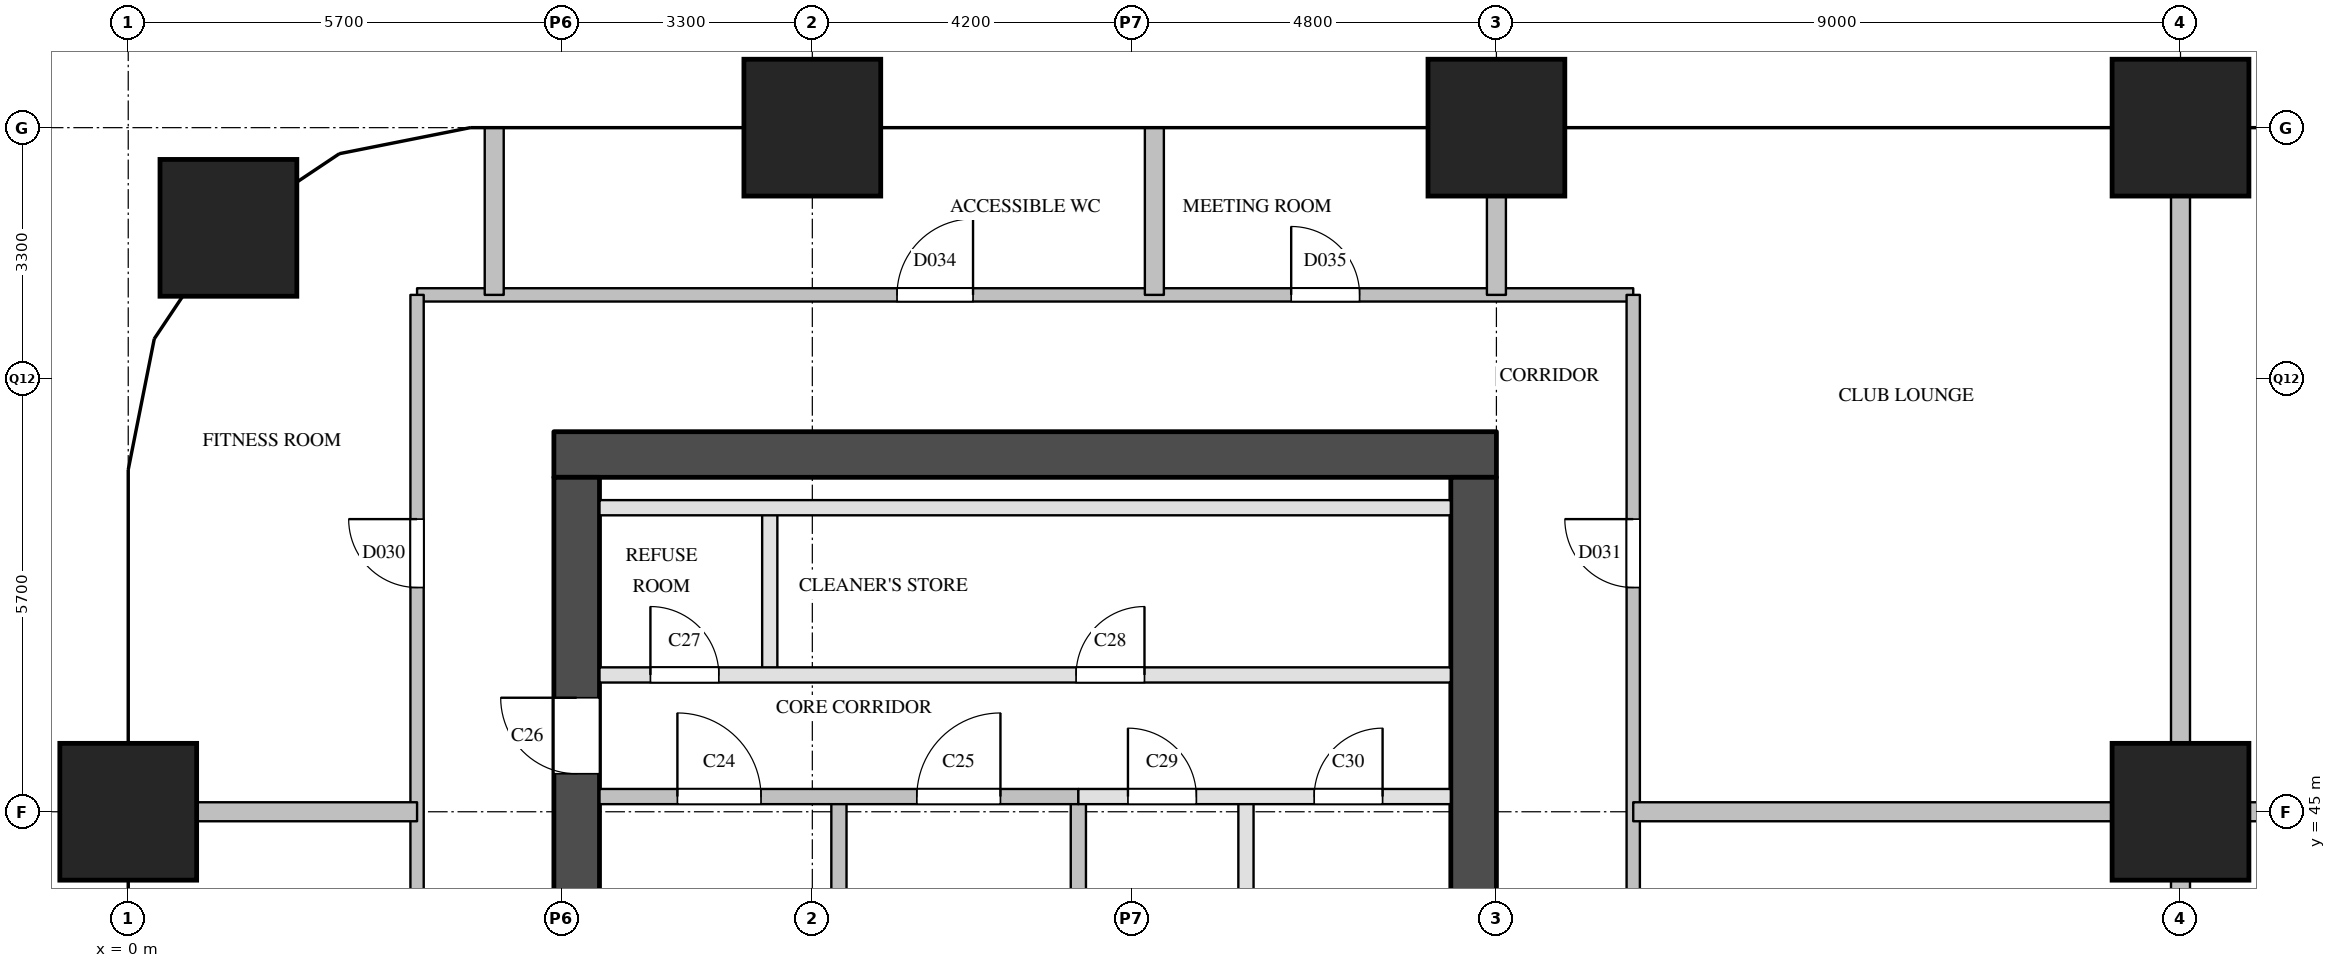
"""IFC4 building model, lengths in metres.
Left out: names, types, materials, properties, quantities, classifications, styles, units other than length and angle.
Written with IfcOpenShell. Run it as: python <this file> out.ifc"""

import sys

from ifc_helpers import new_model, si_unit, direction, frame, frame_2d, origin, origin_2d, place, context, subcontext, project, spatial, rectangle, extrude, element, fill, save


model = new_model("IFC4")
c1 = context("Model", 3, precision=1e-05, world=origin(), true_north=direction((0.0, 1.0)))
c2 = subcontext(c1, "Body", "Model", "MODEL_VIEW")
j1 = project(units=[si_unit("LENGTHUNIT", "METRE"), si_unit("PLANEANGLEUNIT", "RADIAN")], contexts=[c1])
p1 = place(None, origin())
s1 = spatial("IfcSite", under=j1, at=p1, CompositionType="ELEMENT")
p2 = place(p1, origin())
s2 = spatial("IfcBuilding", under=s1, at=p2, CompositionType="ELEMENT")
p3 = place(p2, frame((0.0, 0.0, 96.8)))
s3 = spatial("IfcBuildingStorey", under=s2, at=p3, CompositionType="ELEMENT", Elevation=96.8)
for number, where, z_axis, x_axis in (
    (1, (0.0, 45.0, 0.0), (0.0, 0.0, 1.0), (1.0, 0.0, 0.0)),
    (2, (1.318, 52.682, 0.0), (0.0, 0.0, 1.0), (1.0, 0.0, 0.0)),
    (3, (9.0, 54.0, 0.0), (0.0, 0.0, 1.0), (1.0, 0.0, 0.0)),
    (4, (18.0, 54.0, 0.0), (0.0, 0.0, 1.0), (1.0, 0.0, 0.0)),
    (5, (27.0, 45.0, 0.0), (0.0, 0.0, 1.0), (1.0, 0.0, 0.0)),
    (6, (27.0, 54.0, 0.0), (0.0, 0.0, 1.0), (1.0, 0.0, 0.0)),
):
    element("IfcColumn", number, at=place(p3, frame(where, z_axis=z_axis, x_axis=x_axis)), inside=s3, PredefinedType="COLUMN", context=c2, shape_type="SweptSolid", body=[
        extrude(rectangle(XDim=1.8, YDim=1.8, at=origin_2d()), origin(), (0.0, 0.0, 1.0), 3.8),
    ])
p4 = place(p3, frame((5.6, 49.7, 0.0), z_axis=(0.0, 0.0, 1.0), x_axis=(1.0, 0.0, 0.0)))
e7 = element("IfcWall", 7, at=p4, inside=s3, PredefinedType="SHEAR", context=c2, shape_type="SweptSolid", body=[
    extrude(rectangle(XDim=12.4, YDim=0.6, at=frame_2d((6.2, 0.0))), origin(), (0.0, 0.0, 1.0), 3.5),
])
p5 = place(p3, frame((5.9, 29.1, 0.0), z_axis=(0.0, 0.0, 1.0), x_axis=(0.0, 1.0, 0.0)))
e8 = element("IfcWall", 8, at=p5, inside=s3, PredefinedType="SHEAR", context=c2, shape_type="SweptSolid", body=[
    extrude(rectangle(XDim=20.3, YDim=0.6, at=frame_2d((10.15, 0.0))), origin(), (0.0, 0.0, 1.0), 3.5),
])
p6 = place(p5, frame((3.6, 0.0, 0.0)))
e9 = element("IfcOpeningElement", 9, at=p6, cuts=e8, PredefinedType="OPENING", context=c2, shape_type="SweptSolid", body=[
    extrude(rectangle(XDim=1.8, YDim=2.1, at=frame_2d((0.9, 1.05))), frame((0.0, 0.31, 0.0), z_axis=(0.0, -1.0, 0.0), x_axis=(1.0, 0.0, 0.0)), (0.0, 0.0, 1.0), 0.62),
])
p7 = place(p5, frame((16.4, 0.0, 0.0)))
e10 = element("IfcOpeningElement", 10, at=p7, cuts=e8, PredefinedType="OPENING", context=c2, shape_type="SweptSolid", body=[
    extrude(rectangle(XDim=1.0, YDim=2.1, at=frame_2d((0.5, 1.05))), frame((0.0, 0.31, 0.0), z_axis=(0.0, -1.0, 0.0), x_axis=(1.0, 0.0, 0.0)), (0.0, 0.0, 1.0), 0.62),
])
p8 = place(p3, frame((17.7, 29.1, 0.0), z_axis=(0.0, 0.0, 1.0), x_axis=(0.0, 1.0, 0.0)))
e11 = element("IfcWall", 11, at=p8, inside=s3, PredefinedType="SHEAR", context=c2, shape_type="SweptSolid", body=[
    extrude(rectangle(XDim=20.3, YDim=0.6, at=frame_2d((10.15, 0.0))), origin(), (0.0, 0.0, 1.0), 3.5),
])
p9 = place(p8, frame((1.25, 0.0, 0.0)))
e12 = element("IfcOpeningElement", 12, at=p9, cuts=e11, PredefinedType="OPENING", context=c2, shape_type="SweptSolid", body=[
    extrude(rectangle(XDim=0.7, YDim=2.1, at=frame_2d((0.35, 1.05))), frame((0.0, 0.31, 0.0), z_axis=(0.0, -1.0, 0.0), x_axis=(1.0, 0.0, 0.0)), (0.0, 0.0, 1.0), 0.62),
])
p10 = place(p8, frame((7.05, 0.0, 0.0)))
e13 = element("IfcOpeningElement", 13, at=p10, cuts=e11, PredefinedType="OPENING", context=c2, shape_type="SweptSolid", body=[
    extrude(rectangle(XDim=0.7, YDim=2.1, at=frame_2d((0.35, 1.05))), frame((0.0, 0.31, 0.0), z_axis=(0.0, -1.0, 0.0), x_axis=(1.0, 0.0, 0.0)), (0.0, 0.0, 1.0), 0.62),
])
p11 = place(p3, frame((8.44, 46.8, 0.0), z_axis=(0.0, 0.0, 1.0), x_axis=(0.0, 1.0, 0.0)))
e14 = element("IfcWall", 14, at=p11, inside=s3, PredefinedType="PARTITIONING", context=c2, shape_type="SweptSolid", body=[
    extrude(rectangle(XDim=2.2, YDim=0.2, at=frame_2d((1.1, 0.0))), origin(), (0.0, 0.0, 1.0), 3.5),
])
for number, where, z_axis, x_axis in (
    (15, (9.35, 40.9, 0.0), (0.0, 0.0, 1.0), (0.0, 1.0, 0.0)),
    (16, (12.5, 40.9, 0.0), (0.0, 0.0, 1.0), (0.0, 1.0, 0.0)),
):
    element("IfcWall", number, at=place(p3, frame(where, z_axis=z_axis, x_axis=x_axis)), inside=s3, PredefinedType="SOLIDWALL", context=c2, shape_type="SweptSolid", body=[
        extrude(rectangle(XDim=4.3, YDim=0.2, at=frame_2d((2.15, 0.0))), origin(), (0.0, 0.0, 1.0), 3.5),
    ])
p12 = place(p3, frame((14.705, 39.0, 0.0), z_axis=(0.0, 0.0, 1.0), x_axis=(0.0, 1.0, 0.0)))
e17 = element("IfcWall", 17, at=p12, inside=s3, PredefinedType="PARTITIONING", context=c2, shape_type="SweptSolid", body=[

**The problem:** Apart from the pictures, the whole listing should be reproduced exactly.

**Written solution:**
"""IFC4 building model, lengths in metres.
Left out: names, types, materials, properties, quantities, classifications, styles, units other than length and angle.
Written with IfcOpenShell. Run it as: python <this file> out.ifc"""

import sys

from ifc_helpers import new_model, si_unit, direction, frame, frame_2d, origin, origin_2d, place, context, subcontext, project, spatial, rectangle, extrude, element, fill, save


model = new_model("IFC4")
c1 = context("Model", 3, precision=1e-05, world=origin(), true_north=direction((0.0, 1.0)))
c2 = subcontext(c1, "Body", "Model", "MODEL_VIEW")
j1 = project(units=[si_unit("LENGTHUNIT", "METRE"), si_unit("PLANEANGLEUNIT", "RADIAN")], contexts=[c1])
p1 = place(None, origin())
s1 = spatial("IfcSite", under=j1, at=p1, CompositionType="ELEMENT")
p2 = place(p1, origin())
s2 = spatial("IfcBuilding", under=s1, at=p2, CompositionType="ELEMENT")
p3 = place(p2, frame((0.0, 0.0, 96.8)))
s3 = spatial("IfcBuildingStorey", under=s2, at=p3, CompositionType="ELEMENT", Elevation=96.8)
for number, where, z_axis, x_axis in (
    (1, (0.0, 45.0, 0.0), (0.0, 0.0, 1.0), (1.0, 0.0, 0.0)),
    (2, (1.318, 52.682, 0.0), (0.0, 0.0, 1.0), (1.0, 0.0, 0.0)),
    (3, (9.0, 54.0, 0.0), (0.0, 0.0, 1.0), (1.0, 0.0, 0.0)),
    (4, (18.0, 54.0, 0.0), (0.0, 0.0, 1.0), (1.0, 0.0, 0.0)),
    (5, (27.0, 45.0, 0.0), (0.0, 0.0, 1.0), (1.0, 0.0, 0.0)),
    (6, (27.0, 54.0, 0.0), (0.0, 0.0, 1.0), (1.0, 0.0, 0.0)),
):
    element("IfcColumn", number, at=place(p3, frame(where, z_axis=z_axis, x_axis=x_axis)), inside=s3, PredefinedType="COLUMN", context=c2, shape_type="SweptSolid", body=[
        extrude(rectangle(XDim=1.8, YDim=1.8, at=origin_2d()), origin(), (0.0, 0.0, 1.0), 3.8),
    ])
p4 = place(p3, frame((5.6, 49.7, 0.0), z_axis=(0.0, 0.0, 1.0), x_axis=(1.0, 0.0, 0.0)))
e7 = element("IfcWall", 7, at=p4, inside=s3, PredefinedType="SHEAR", context=c2, shape_type="SweptSolid", body=[
    extrude(rectangle(XDim=12.4, YDim=0.6, at=frame_2d((6.2, 0.0))), origin(), (0.0, 0.0, 1.0), 3.5),
])
p5 = place(p3, frame((5.9, 29.1, 0.0), z_axis=(0.0, 0.0, 1.0), x_axis=(0.0, 1.0, 0.0)))
e8 = element("IfcWall", 8, at=p5, inside=s3, PredefinedType="SHEAR", context=c2, shape_type="SweptSolid", body=[
    extrude(rectangle(XDim=20.3, YDim=0.6, at=frame_2d((10.15, 0.0))), origin(), (0.0, 0.0, 1.0), 3.5),
])
p6 = place(p5, frame((3.6, 0.0, 0.0)))
e9 = element("IfcOpeningElement", 9, at=p6, cuts=e8, PredefinedType="OPENING", context=c2, shape_type="SweptSolid", body=[
    extrude(rectangle(XDim=1.8, YDim=2.1, at=frame_2d((0.9, 1.05))), frame((0.0, 0.31, 0.0), z_axis=(0.0, -1.0, 0.0), x_axis=(1.0, 0.0, 0.0)), (0.0, 0.0, 1.0), 0.62),
])
p7 = place(p5, frame((16.4, 0.0, 0.0)))
e10 = element("IfcOpeningElement", 10, at=p7, cuts=e8, PredefinedType="OPENING", context=c2, shape_type="SweptSolid", body=[
    extrude(rectangle(XDim=1.0, YDim=2.1, at=frame_2d((0.5, 1.05))), frame((0.0, 0.31, 0.0), z_axis=(0.0, -1.0, 0.0), x_axis=(1.0, 0.0, 0.0)), (0.0, 0.0, 1.0), 0.62),
])
p8 = place(p3, frame((17.7, 29.1, 0.0), z_axis=(0.0, 0.0, 1.0), x_axis=(0.0, 1.0, 0.0)))
e11 = element("IfcWall", 11, at=p8, inside=s3, PredefinedType="SHEAR", context=c2, shape_type="SweptSolid", body=[
    extrude(rectangle(XDim=20.3, YDim=0.6, at=frame_2d((10.15, 0.0))), origin(), (0.0, 0.0, 1.0), 3.5),
])
p9 = place(p8, frame((1.25, 0.0, 0.0)))
e12 = element("IfcOpeningElement", 12, at=p9, cuts=e11, PredefinedType="OPENING", context=c2, shape_type="SweptSolid", body=[
    extrude(rectangle(XDim=0.7, YDim=2.1, at=frame_2d((0.35, 1.05))), frame((0.0, 0.31, 0.0), z_axis=(0.0, -1.0, 0.0), x_axis=(1.0, 0.0, 0.0)), (0.0, 0.0, 1.0), 0.62),
])
p10 = place(p8, frame((7.05, 0.0, 0.0)))
e13 = element("IfcOpeningElement", 13, at=p10, cuts=e11, PredefinedType="OPENING", context=c2, shape_type="SweptSolid", body=[
    extrude(rectangle(XDim=0.7, YDim=2.1, at=frame_2d((0.35, 1.05))), frame((0.0, 0.31, 0.0), z_axis=(0.0, -1.0, 0.0), x_axis=(1.0, 0.0, 0.0)), (0.0, 0.0, 1.0), 0.62),
])
p11 = place(p3, frame((8.44, 46.8, 0.0), z_axis=(0.0, 0.0, 1.0), x_axis=(0.0, 1.0, 0.0)))
e14 = element("IfcWall", 14, at=p11, inside=s3, PredefinedType="PARTITIONING", context=c2, shape_type="SweptSolid", body=[
    extrude(rectangle(XDim=2.2, YDim=0.2, at=frame_2d((1.1, 0.0))), origin(), (0.0, 0.0, 1.0), 3.5),
])
for number, where, z_axis, x_axis in (
    (15, (9.35, 40.9, 0.0), (0.0, 0.0, 1.0), (0.0, 1.0, 0.0)),
    (16, (12.5, 40.9, 0.0), (0.0, 0.0, 1.0), (0.0, 1.0, 0.0)),
):
    element("IfcWall", number, at=place(p3, frame(where, z_axis=z_axis, x_axis=x_axis)), inside=s3, PredefinedType="SOLIDWALL", context=c2, shape_type="SweptSolid", body=[
        extrude(rectangle(XDim=4.3, YDim=0.2, at=frame_2d((2.15, 0.0))), origin(), (0.0, 0.0, 1.0), 3.5),
    ])
p12 = place(p3, frame((14.705, 39.0, 0.0), z_axis=(0.0, 0.0, 1.0), x_axis=(0.0, 1.0, 0.0)))
e17 = element("IfcWall", 17, at=p12, inside=s3, PredefinedType="PARTITIONING", context=c2, shape_type="SweptSolid", body=[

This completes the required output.